> _ABOUT THIS EXERCISE_:
A single number is needed: how many lines of the data hold the word "inside".

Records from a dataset
-=-=-=-=-

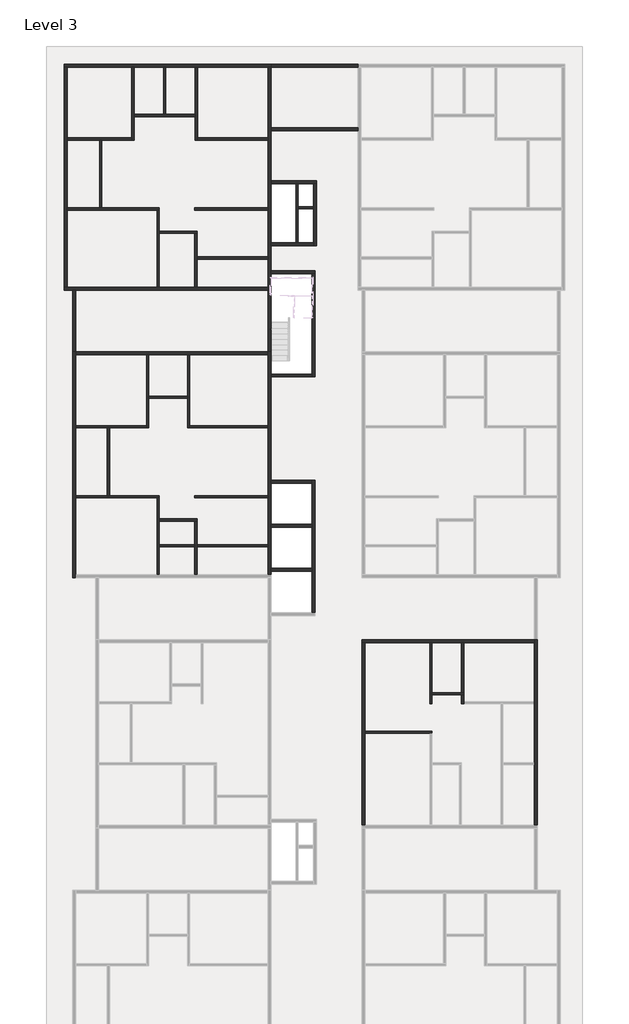
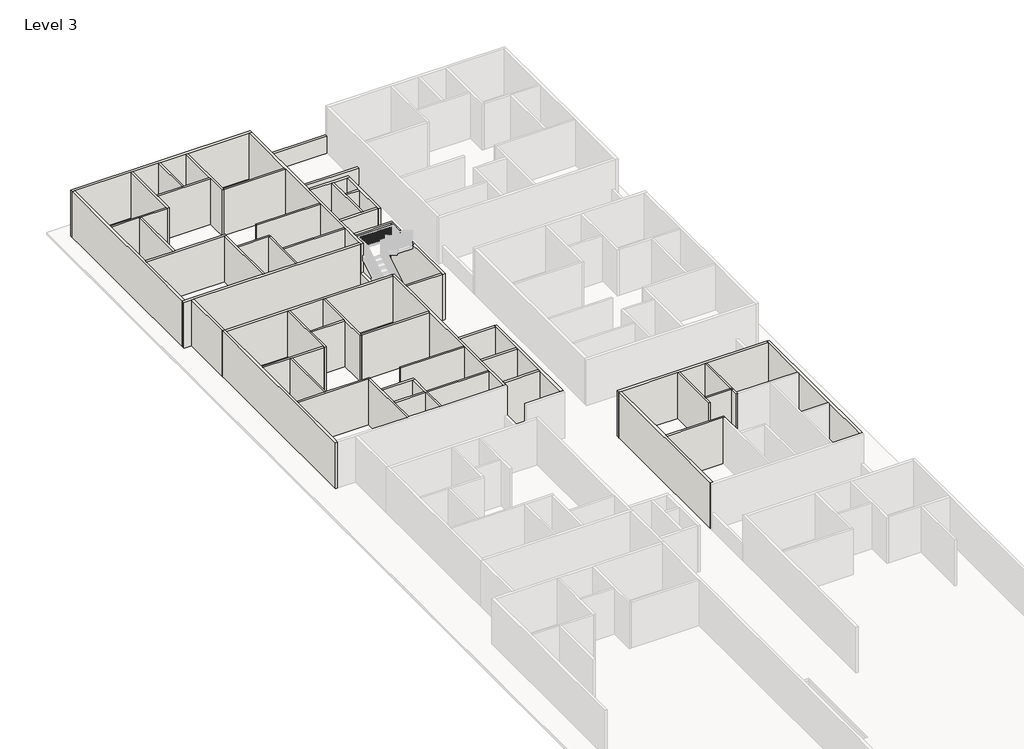
# One storey, part 3 of 8: 57 walls.
"""IFC4 building model written with IfcOpenShell, lengths in millimetres."""

from ifc_helpers import new_model, si_unit, frame, origin, place, context, project, spatial, polyline, outline, extrude, faceted_brep, element, save

model = new_model("IFC4")

# Units and contexts
model_context = context("Model", 3, world=origin())
ifc_project = project(units=[si_unit("LENGTHUNIT", "METRE", prefix="MILLI")], contexts=[model_context])

# Site, building, storey
site = spatial("IfcSite", under=ifc_project)
building = spatial("IfcBuilding", under=site)
storey = spatial("IfcBuildingStorey", under=building, Name="Level 3", Elevation=31330.6172466)

# Walls
placement = place(None, origin())
element("IfcWall", 1, ObjectType="4.5\"", at=placement, inside=storey, context=model_context, shape_type="Brep", body=[
    faceted_brep([(-10818.3415084, 35031.1216096, 31330.6172466), (-10818.3415084, 31373.5216096, 31330.6172466), (-10818.3415084, 31259.2216096, 31330.6172466), (-10818.3415084, 31259.2216096, 34378.6172466), (-10818.3415084, 31373.5216096, 34378.6172466), (-10818.3415084, 35031.1216096, 34378.6172466), (-10704.0415084, 35031.1216096, 31330.6172466), (-10704.0415084, 35031.1216096, 34378.6172466), (-10704.0415084, 32592.7216096, 34378.6172466), (-10704.0415084, 32478.4216096, 34378.6172466), (-10704.0415084, 31259.2216096, 34378.6172466), (-10704.0415084, 31259.2216096, 31330.6172466), (-10704.0415084, 32478.4216096, 31330.6172466), (-10704.0415084, 32592.7216096, 31330.6172466)], [[[0, 1, 2, 3, 4, 5]], [[6, 7, 8, 9, 10, 11, 12, 13]], [[2, 1, 0, 6, 13, 12, 11]], [[0, 5, 7, 6]], [[3, 2, 11, 10]], [[5, 4, 3, 10, 9, 8, 7]]]),
])
element("IfcWall", 2, ObjectType="4.5\"", at=placement, inside=storey, context=model_context, shape_type="Brep", body=[
    faceted_brep([(-10818.3415084, 31373.5216096, 31330.6172466), (-14171.1415084, 31373.5216096, 31330.6172466), (-14171.1415084, 31373.5216096, 34378.6172466), (-10818.3415084, 31373.5216096, 34378.6172466), (-10818.3415084, 31259.2216096, 31330.6172466), (-10818.3415084, 31259.2216096, 34378.6172466), (-12380.4415084, 31259.2216096, 34378.6172466), (-12494.7415084, 31259.2216096, 34378.6172466), (-14171.1415084, 31259.2216096, 34378.6172466), (-14171.1415084, 31259.2216096, 31330.6172466), (-12494.7415084, 31259.2216096, 31330.6172466), (-12380.4415084, 31259.2216096, 31330.6172466)], [[[0, 1, 2, 3]], [[4, 5, 6, 7, 8, 9, 10, 11]], [[1, 0, 4, 11, 10, 9]], [[0, 3, 5, 4]], [[2, 1, 9, 8]], [[3, 2, 8, 7, 6, 5]]]),
])
element("IfcWall", 3, ObjectType="4.5\"", at=placement, inside=storey, context=model_context, shape_type="SweptSolid", body=[
    extrude(outline(polyline([(-12494.7415084, 27754.0216096), (-12494.7415084, 31259.2216096), (-12380.4415084, 31259.2216096), (-12380.4415084, 27754.0216096), (-12494.7415084, 27754.0216096)])), frame((0.0, 0.0, 31330.6172466), z_axis=(0.0, 0.0, 1.0), x_axis=(1.0, 0.0, 0.0)), (0.0, 0.0, 1.0), 3048.0),
])
element("IfcWall", 4, ObjectType="4.5\"", at=placement, inside=storey, context=model_context, shape_type="Brep", body=[
    faceted_brep([(-14171.1415084, 27639.7216096, 31330.6172466), (-9510.2415084, 27639.7216096, 31330.6172466), (-9395.9415084, 27639.7216096, 31330.6172466), (-9395.9415084, 27639.7216096, 34378.6172466), (-9510.2415084, 27639.7216096, 34378.6172466), (-14171.1415084, 27639.7216096, 34378.6172466), (-14171.1415084, 27754.0216096, 31330.6172466), (-14171.1415084, 27754.0216096, 34378.6172466), (-12494.7415084, 27754.0216096, 34378.6172466), (-12380.4415084, 27754.0216096, 34378.6172466), (-9395.9415084, 27754.0216096, 34378.6172466), (-9395.9415084, 27754.0216096, 31330.6172466), (-12380.4415084, 27754.0216096, 31330.6172466), (-12494.7415084, 27754.0216096, 31330.6172466)], [[[0, 1, 2, 3, 4, 5]], [[6, 7, 8, 9, 10, 11, 12, 13]], [[2, 1, 0, 6, 13, 12, 11]], [[0, 5, 7, 6]], [[3, 2, 11, 10]], [[5, 4, 3, 10, 9, 8, 7]]]),
])
element("IfcWall", 5, ObjectType="4.5\"", at=placement, inside=storey, context=model_context, shape_type="Brep", body=[
    faceted_brep([(-9510.2415084, 27639.7216096, 31330.6172466), (-9510.2415084, 23651.9216096, 31330.6172466), (-9510.2415084, 23651.9216096, 34378.6172466), (-9510.2415084, 27639.7216096, 34378.6172466), (-9395.9415084, 27639.7216096, 31330.6172466), (-9395.9415084, 27639.7216096, 34378.6172466), (-9395.9415084, 26547.5216096, 34378.6172466), (-9395.9415084, 26433.2216096, 34378.6172466), (-9395.9415084, 23651.9216096, 34378.6172466), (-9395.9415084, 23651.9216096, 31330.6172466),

-=-=-=-=-

> _OUTPUT FOR THIS TASK_:
5